── EXERCISE INPUTS ──

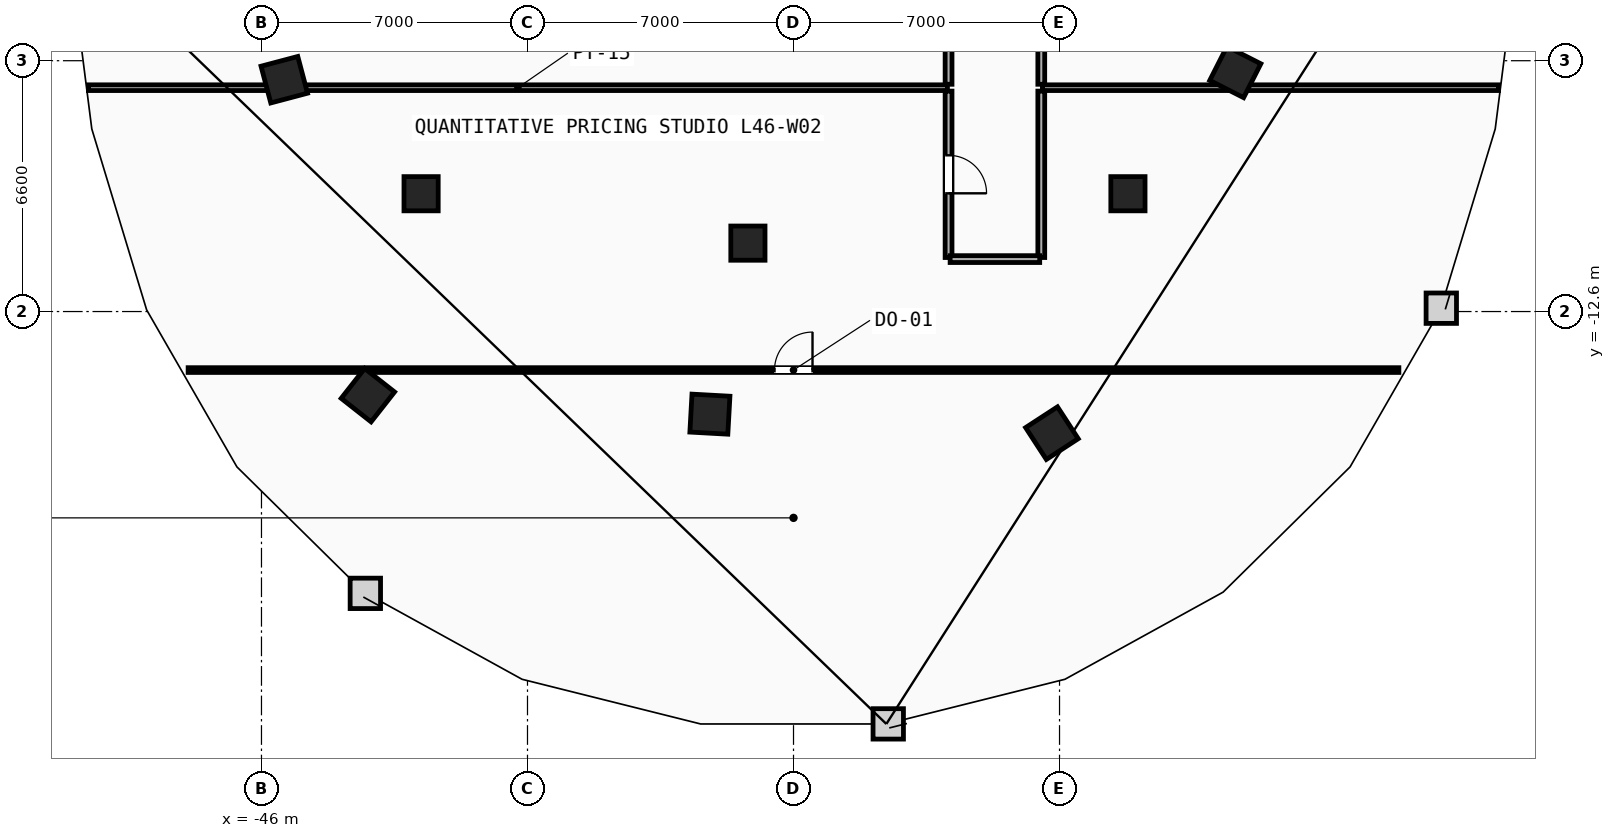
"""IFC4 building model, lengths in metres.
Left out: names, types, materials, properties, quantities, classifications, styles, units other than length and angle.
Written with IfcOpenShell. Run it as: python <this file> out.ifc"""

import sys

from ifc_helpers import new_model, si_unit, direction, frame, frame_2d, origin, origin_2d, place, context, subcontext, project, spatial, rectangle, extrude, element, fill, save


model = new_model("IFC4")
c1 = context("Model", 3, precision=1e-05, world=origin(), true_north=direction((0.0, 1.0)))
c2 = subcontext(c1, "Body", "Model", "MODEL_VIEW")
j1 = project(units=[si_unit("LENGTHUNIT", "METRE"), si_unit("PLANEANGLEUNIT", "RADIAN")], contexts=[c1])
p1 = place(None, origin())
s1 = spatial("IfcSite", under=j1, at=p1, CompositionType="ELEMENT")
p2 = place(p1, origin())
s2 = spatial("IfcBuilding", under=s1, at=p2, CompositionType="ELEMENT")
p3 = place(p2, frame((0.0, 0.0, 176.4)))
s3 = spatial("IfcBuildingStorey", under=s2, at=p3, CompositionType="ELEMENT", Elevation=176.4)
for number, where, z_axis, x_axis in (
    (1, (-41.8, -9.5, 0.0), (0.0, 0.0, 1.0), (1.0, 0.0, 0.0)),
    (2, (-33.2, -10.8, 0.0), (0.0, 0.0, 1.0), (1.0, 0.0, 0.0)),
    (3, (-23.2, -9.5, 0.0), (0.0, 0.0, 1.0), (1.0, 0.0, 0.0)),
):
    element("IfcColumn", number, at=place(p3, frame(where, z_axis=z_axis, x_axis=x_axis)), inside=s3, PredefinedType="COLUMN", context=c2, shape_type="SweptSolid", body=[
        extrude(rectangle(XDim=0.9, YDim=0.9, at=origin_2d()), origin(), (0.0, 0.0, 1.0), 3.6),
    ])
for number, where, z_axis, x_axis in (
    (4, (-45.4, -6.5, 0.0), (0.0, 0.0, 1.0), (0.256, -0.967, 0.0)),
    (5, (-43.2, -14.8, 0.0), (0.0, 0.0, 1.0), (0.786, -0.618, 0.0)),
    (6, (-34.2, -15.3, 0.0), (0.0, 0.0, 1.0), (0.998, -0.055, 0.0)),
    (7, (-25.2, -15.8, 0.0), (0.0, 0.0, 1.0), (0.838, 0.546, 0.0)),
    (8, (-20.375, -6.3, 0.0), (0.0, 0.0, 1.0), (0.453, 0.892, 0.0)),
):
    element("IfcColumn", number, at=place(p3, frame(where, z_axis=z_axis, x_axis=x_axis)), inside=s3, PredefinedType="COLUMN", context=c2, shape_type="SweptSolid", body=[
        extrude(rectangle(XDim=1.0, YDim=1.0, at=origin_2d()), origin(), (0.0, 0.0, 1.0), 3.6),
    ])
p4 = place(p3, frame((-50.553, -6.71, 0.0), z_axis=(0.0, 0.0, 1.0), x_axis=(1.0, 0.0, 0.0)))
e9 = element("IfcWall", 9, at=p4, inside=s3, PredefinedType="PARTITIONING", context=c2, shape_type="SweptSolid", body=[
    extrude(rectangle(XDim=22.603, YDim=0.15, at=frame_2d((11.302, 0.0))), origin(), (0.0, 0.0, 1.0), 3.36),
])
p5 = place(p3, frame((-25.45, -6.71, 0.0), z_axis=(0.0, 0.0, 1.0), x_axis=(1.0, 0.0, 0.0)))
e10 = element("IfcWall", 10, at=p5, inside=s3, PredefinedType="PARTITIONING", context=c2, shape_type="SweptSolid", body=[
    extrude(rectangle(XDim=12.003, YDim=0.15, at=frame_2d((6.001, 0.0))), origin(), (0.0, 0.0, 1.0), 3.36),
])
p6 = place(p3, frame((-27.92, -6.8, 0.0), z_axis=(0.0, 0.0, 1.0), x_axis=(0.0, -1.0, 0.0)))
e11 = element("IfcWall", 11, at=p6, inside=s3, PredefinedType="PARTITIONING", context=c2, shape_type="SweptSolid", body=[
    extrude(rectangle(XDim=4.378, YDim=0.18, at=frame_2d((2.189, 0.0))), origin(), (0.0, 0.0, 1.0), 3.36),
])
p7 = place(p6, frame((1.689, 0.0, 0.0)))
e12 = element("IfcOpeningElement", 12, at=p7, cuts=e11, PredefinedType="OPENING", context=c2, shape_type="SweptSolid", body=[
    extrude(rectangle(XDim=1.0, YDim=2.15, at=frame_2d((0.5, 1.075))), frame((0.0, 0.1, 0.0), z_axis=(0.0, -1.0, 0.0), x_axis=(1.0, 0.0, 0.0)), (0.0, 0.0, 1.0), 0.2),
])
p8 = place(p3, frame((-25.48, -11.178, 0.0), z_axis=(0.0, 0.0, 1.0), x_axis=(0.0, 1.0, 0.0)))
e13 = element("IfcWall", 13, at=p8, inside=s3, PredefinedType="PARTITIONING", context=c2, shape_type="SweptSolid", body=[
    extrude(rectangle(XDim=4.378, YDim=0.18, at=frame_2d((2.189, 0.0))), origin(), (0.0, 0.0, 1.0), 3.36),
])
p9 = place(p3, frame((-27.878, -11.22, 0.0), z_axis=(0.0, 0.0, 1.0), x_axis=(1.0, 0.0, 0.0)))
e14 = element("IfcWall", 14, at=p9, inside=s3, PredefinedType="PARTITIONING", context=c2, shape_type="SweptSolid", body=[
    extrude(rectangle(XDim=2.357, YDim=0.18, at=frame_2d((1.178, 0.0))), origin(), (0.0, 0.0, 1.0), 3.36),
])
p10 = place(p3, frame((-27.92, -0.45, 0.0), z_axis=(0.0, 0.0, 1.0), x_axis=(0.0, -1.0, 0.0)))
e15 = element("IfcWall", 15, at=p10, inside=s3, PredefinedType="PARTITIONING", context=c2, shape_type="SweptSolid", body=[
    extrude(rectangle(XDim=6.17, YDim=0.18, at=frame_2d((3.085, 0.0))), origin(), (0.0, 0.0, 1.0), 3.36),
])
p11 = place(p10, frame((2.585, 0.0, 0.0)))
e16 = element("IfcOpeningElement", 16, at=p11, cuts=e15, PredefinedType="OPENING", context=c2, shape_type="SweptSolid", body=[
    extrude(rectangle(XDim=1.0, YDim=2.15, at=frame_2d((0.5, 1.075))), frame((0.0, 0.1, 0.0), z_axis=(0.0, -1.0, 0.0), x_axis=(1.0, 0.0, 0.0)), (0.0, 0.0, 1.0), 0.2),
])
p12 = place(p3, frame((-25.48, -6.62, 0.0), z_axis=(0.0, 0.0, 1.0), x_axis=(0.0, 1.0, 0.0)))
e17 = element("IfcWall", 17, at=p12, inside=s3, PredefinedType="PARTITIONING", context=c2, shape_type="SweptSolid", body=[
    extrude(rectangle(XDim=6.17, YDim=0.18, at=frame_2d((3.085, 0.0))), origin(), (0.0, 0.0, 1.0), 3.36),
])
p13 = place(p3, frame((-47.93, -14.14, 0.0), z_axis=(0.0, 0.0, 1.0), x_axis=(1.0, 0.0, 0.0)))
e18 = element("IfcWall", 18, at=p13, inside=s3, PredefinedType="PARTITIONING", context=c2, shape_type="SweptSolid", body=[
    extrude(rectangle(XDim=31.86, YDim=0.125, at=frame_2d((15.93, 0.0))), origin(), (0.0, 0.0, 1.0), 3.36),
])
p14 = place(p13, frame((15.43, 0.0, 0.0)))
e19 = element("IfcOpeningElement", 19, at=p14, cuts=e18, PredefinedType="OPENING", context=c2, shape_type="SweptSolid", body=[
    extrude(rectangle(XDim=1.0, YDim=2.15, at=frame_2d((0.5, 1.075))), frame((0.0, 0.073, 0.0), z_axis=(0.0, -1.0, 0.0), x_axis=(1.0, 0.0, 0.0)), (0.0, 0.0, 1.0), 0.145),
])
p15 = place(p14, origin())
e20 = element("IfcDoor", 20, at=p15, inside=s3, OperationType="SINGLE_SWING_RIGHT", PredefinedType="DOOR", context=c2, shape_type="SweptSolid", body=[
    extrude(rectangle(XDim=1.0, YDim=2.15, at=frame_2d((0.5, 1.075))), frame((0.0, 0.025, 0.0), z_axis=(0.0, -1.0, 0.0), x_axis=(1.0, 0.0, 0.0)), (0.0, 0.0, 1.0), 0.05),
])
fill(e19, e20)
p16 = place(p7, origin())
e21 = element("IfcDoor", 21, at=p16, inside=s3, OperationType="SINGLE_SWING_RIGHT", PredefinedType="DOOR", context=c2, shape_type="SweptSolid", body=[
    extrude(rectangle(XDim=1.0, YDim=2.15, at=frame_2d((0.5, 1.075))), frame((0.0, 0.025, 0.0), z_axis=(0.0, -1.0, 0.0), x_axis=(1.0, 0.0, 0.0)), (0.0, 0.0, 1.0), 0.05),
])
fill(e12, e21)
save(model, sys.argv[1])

───

◆ **REQUIRED WORK**
Among the records, find all lines that include the string "units" and return them.

◆ **WRITTEN SOLUTION**
Left out: names, types, materials, properties, quantities, classifications, styles, units other than length and angle.
j1 = project(units=[si_unit("LENGTHUNIT", "METRE"), si_unit("PLANEANGLEUNIT", "RADIAN")], contexts=[c1])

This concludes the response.